TASK OBJECTIVE => Report the lines of the data below that contain the string "inside".
____ TASK INPUTS
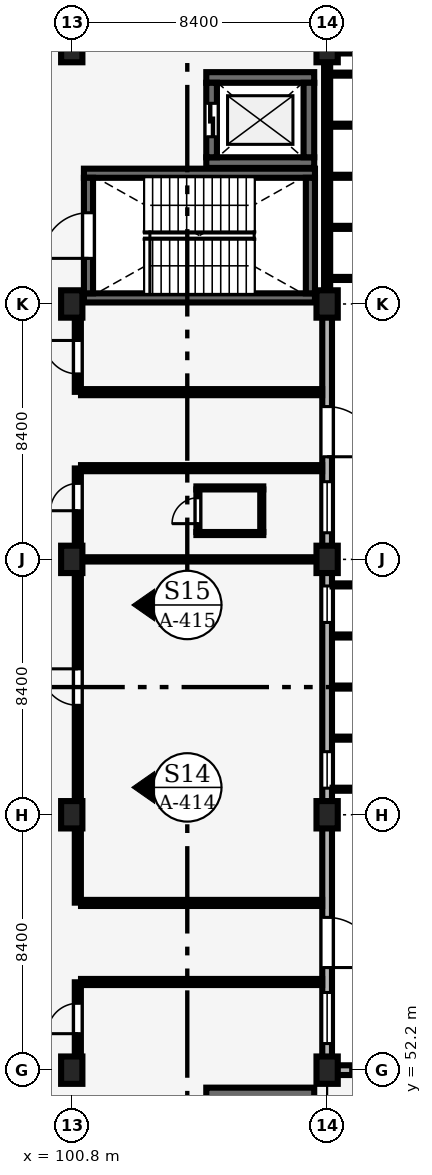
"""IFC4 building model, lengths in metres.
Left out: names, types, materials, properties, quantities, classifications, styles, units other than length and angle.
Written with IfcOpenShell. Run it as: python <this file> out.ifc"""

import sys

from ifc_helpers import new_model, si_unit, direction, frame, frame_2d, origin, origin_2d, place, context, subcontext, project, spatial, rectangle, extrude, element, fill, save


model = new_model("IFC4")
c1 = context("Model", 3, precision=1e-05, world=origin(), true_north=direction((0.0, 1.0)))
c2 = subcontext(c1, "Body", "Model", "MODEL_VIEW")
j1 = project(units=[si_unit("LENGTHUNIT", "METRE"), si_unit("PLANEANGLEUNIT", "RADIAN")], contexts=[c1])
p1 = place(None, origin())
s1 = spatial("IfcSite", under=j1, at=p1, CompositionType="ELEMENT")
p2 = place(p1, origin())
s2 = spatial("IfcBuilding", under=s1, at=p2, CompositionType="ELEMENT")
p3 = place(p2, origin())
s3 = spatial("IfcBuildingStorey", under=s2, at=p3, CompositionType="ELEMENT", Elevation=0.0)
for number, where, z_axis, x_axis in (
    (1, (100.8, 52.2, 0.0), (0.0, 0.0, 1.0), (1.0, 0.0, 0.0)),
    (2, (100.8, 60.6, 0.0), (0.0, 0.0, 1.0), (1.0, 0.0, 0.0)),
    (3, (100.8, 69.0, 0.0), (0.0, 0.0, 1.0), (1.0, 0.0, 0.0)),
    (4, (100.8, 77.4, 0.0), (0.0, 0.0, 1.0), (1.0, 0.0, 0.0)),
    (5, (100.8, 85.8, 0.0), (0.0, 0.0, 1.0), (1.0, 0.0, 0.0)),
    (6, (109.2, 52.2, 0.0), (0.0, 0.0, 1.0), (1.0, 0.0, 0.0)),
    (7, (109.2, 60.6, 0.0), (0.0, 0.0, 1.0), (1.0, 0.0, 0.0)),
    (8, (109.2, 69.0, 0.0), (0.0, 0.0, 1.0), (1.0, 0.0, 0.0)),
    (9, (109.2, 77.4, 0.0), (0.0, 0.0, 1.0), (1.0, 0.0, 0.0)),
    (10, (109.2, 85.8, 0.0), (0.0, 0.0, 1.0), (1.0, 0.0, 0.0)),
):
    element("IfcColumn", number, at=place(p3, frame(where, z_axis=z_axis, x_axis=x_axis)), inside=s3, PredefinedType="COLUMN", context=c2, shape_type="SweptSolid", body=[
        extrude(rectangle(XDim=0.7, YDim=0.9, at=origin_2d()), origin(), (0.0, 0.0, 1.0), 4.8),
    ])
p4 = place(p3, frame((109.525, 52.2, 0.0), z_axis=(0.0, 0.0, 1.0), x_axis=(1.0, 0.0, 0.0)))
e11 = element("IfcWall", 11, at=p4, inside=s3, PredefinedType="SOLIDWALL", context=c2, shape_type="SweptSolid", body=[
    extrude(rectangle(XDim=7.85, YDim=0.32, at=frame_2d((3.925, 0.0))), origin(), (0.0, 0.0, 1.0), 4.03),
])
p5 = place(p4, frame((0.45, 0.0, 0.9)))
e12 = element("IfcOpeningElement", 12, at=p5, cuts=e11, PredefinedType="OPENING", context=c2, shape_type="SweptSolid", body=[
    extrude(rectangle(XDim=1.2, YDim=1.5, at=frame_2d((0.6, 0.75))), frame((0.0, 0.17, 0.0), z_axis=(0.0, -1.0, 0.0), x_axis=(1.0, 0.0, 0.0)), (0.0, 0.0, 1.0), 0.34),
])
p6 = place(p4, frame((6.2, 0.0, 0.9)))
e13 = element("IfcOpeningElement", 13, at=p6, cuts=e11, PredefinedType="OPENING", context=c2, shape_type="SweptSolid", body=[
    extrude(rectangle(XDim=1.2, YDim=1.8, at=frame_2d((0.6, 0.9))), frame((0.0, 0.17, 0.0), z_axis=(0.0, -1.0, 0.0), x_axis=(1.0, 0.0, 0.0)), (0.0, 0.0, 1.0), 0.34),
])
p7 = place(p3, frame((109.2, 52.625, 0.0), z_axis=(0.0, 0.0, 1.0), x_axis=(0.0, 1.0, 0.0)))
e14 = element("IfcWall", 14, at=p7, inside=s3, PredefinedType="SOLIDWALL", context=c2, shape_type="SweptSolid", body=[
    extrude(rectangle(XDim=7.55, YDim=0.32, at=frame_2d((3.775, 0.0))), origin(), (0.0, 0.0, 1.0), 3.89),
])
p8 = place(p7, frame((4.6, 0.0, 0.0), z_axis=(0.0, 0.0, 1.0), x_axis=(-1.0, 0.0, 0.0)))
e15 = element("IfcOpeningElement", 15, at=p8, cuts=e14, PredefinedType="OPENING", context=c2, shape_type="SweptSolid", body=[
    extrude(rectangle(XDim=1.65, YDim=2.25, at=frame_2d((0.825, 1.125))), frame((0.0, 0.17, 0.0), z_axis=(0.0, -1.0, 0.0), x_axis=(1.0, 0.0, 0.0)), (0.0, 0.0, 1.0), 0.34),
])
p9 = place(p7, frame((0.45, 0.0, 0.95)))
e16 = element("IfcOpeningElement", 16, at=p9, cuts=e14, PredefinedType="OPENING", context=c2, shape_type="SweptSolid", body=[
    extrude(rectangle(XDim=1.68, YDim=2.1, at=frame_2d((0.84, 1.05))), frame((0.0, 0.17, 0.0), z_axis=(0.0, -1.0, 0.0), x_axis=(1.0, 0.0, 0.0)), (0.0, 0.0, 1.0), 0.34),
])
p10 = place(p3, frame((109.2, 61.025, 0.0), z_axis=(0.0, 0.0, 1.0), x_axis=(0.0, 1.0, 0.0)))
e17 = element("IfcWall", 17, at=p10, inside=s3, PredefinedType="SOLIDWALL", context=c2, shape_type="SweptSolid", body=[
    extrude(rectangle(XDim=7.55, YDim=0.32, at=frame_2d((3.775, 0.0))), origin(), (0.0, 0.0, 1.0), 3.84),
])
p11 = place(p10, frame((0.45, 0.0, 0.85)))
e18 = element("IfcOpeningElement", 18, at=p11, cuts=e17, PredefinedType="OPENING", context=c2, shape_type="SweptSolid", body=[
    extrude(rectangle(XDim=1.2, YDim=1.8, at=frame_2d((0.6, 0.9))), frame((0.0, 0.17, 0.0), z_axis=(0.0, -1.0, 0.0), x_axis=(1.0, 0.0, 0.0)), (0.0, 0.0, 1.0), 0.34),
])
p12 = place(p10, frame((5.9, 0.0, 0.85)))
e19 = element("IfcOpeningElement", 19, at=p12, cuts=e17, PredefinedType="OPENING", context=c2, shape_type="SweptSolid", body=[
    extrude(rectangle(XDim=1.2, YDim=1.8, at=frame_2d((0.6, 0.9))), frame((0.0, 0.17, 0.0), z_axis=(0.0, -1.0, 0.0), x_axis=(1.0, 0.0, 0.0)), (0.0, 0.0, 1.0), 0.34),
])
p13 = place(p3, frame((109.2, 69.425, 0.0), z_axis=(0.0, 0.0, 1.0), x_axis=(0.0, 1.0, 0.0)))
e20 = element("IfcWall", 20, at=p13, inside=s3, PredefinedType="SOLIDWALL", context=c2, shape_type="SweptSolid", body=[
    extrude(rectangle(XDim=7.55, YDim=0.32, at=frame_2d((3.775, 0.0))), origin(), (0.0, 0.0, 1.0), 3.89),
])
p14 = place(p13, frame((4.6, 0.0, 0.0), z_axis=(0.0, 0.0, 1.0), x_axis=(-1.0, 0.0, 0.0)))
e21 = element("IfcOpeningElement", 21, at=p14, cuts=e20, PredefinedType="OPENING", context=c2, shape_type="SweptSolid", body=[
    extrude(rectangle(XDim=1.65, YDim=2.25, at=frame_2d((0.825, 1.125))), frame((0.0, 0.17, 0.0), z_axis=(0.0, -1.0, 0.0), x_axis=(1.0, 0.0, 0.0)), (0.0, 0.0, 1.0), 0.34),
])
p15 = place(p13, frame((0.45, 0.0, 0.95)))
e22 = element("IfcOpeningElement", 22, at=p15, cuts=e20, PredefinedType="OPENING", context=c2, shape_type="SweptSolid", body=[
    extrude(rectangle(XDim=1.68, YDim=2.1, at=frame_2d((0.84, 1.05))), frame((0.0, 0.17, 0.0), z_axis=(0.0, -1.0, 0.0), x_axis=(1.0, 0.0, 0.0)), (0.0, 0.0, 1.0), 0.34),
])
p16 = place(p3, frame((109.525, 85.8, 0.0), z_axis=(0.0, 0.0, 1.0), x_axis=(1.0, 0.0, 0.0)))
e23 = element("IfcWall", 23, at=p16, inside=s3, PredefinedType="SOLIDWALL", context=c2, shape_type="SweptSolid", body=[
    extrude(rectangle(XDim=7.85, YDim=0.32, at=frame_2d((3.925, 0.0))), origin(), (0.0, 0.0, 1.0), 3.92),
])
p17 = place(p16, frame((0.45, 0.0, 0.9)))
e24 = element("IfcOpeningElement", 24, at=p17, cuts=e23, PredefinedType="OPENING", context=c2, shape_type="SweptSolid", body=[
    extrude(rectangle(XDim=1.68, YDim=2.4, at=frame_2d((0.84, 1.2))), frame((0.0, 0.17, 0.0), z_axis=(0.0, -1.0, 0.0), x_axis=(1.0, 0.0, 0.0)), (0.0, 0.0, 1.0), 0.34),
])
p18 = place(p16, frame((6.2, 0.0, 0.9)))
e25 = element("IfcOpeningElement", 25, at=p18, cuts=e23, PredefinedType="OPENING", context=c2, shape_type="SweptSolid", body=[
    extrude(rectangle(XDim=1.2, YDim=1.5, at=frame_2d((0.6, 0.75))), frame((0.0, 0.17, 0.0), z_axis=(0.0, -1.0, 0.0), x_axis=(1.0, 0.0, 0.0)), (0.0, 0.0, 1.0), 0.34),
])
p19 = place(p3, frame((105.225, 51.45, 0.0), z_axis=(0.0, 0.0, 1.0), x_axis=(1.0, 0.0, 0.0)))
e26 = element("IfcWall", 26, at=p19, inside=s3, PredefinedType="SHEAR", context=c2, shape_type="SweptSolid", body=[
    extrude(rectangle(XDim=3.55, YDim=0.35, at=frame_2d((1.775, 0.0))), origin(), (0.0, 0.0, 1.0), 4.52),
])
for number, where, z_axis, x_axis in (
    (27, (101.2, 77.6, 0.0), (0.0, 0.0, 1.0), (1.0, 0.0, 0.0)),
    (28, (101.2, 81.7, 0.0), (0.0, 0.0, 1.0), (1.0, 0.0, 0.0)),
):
________
OUTPUT OF THE TASK =>
    element("IfcColumn", number, at=place(p3, frame(where, z_axis=z_axis, x_axis=x_axis)), inside=s3, PredefinedType="COLUMN", context=c2, shape_type="SweptSolid", body=[
e11 = element("IfcWall", 11, at=p4, inside=s3, PredefinedType="SOLIDWALL", context=c2, shape_type="SweptSolid", body=[
e14 = element("IfcWall", 14, at=p7, inside=s3, PredefinedType="SOLIDWALL", context=c2, shape_type="SweptSolid", body=[
e17 = element("IfcWall", 17, at=p10, inside=s3, PredefinedType="SOLIDWALL", context=c2, shape_type="SweptSolid", body=[
e20 = element("IfcWall", 20, at=p13, inside=s3, PredefinedType="SOLIDWALL", context=c2, shape_type="SweptSolid", body=[
e23 = element("IfcWall", 23, at=p16, inside=s3, PredefinedType="SOLIDWALL", context=c2, shape_type="SweptSolid", body=[
e26 = element("IfcWall", 26, at=p19, inside=s3, PredefinedType="SHEAR", context=c2, shape_type="SweptSolid", body=[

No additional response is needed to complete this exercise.